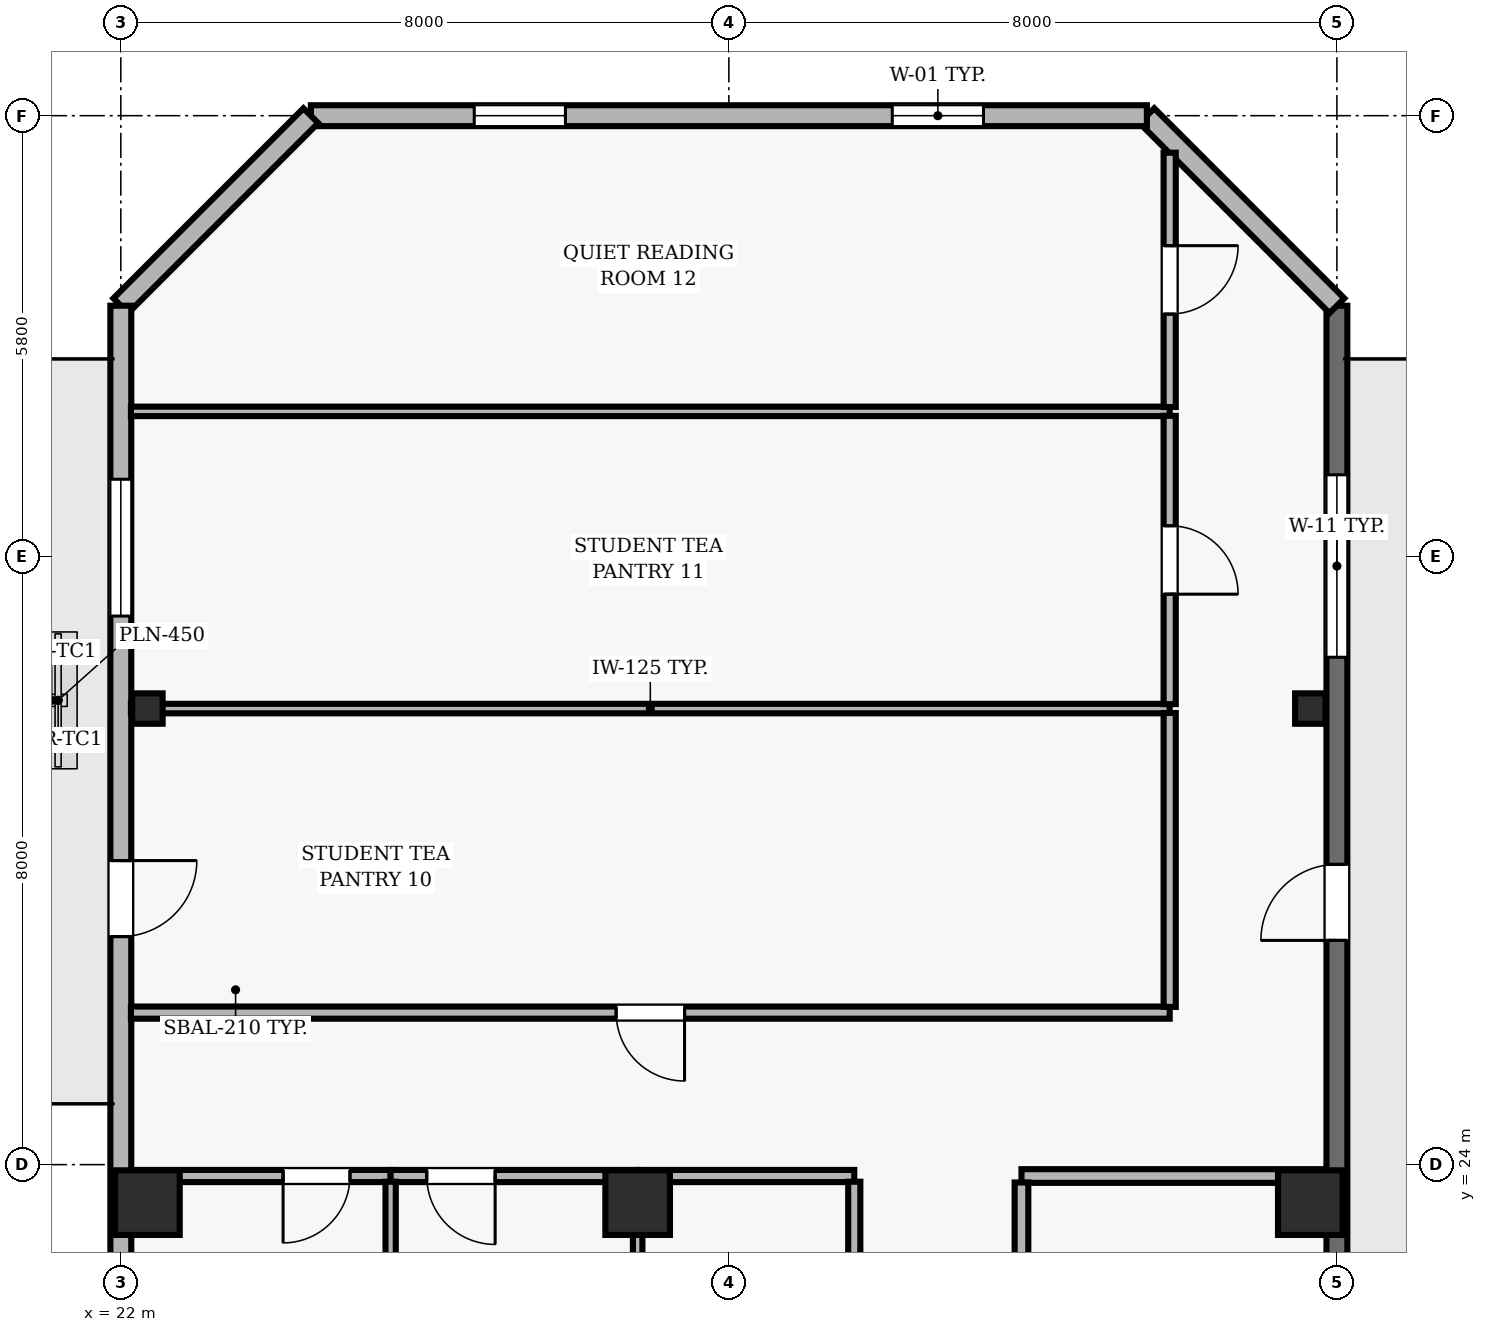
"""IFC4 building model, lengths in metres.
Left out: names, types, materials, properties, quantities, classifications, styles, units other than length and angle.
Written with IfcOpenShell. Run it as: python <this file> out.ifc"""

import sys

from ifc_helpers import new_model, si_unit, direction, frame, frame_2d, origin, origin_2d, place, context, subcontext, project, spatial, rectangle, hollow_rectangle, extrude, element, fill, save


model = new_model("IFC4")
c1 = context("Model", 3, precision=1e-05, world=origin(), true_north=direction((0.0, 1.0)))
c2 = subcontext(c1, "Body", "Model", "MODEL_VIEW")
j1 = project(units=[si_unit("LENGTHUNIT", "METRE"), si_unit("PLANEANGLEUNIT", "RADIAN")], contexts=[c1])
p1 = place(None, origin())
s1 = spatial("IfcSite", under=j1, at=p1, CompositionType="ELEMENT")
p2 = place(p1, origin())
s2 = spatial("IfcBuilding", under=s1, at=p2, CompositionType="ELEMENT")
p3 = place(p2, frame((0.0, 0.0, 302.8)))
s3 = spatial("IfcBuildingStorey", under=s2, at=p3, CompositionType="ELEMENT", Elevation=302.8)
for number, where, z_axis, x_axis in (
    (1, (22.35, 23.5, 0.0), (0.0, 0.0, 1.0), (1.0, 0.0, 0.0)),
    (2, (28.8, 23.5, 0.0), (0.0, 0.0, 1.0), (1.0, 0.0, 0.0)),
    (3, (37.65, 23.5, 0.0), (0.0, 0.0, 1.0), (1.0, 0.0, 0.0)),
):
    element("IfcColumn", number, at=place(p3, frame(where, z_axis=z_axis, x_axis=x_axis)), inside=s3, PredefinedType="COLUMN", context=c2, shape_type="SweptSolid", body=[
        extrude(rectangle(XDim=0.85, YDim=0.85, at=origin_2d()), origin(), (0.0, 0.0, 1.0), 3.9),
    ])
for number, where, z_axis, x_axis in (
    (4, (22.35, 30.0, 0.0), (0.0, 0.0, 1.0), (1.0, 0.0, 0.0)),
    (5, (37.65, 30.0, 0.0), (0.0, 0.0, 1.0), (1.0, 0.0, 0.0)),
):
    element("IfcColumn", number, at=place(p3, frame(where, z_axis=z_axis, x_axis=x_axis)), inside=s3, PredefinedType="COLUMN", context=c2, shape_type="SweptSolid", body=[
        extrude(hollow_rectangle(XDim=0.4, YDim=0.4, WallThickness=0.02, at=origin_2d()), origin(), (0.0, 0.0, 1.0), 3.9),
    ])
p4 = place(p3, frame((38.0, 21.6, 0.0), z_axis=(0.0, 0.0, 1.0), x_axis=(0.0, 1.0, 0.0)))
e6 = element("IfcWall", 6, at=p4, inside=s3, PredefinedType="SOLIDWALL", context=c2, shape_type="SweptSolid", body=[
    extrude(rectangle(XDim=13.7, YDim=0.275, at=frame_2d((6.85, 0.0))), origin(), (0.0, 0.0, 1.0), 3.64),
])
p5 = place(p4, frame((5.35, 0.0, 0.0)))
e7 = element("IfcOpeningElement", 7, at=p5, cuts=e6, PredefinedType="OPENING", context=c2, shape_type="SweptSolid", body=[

........

** EXERCISE AIM **
Please copy out each line of the listing above that contains the string "PredefinedType".

** WRITTEN ANSWER **
    element("IfcColumn", number, at=place(p3, frame(where, z_axis=z_axis, x_axis=x_axis)), inside=s3, PredefinedType="COLUMN", context=c2, shape_type="SweptSolid", body=[
    element("IfcColumn", number, at=place(p3, frame(where, z_axis=z_axis, x_axis=x_axis)), inside=s3, PredefinedType="COLUMN", context=c2, shape_type="SweptSolid", body=[
e6 = element("IfcWall", 6, at=p4, inside=s3, PredefinedType="SOLIDWALL", context=c2, shape_type="SweptSolid", body=[
e7 = element("IfcOpeningElement", 7, at=p5, cuts=e6, PredefinedType="OPENING", context=c2, shape_type="SweptSolid", body=[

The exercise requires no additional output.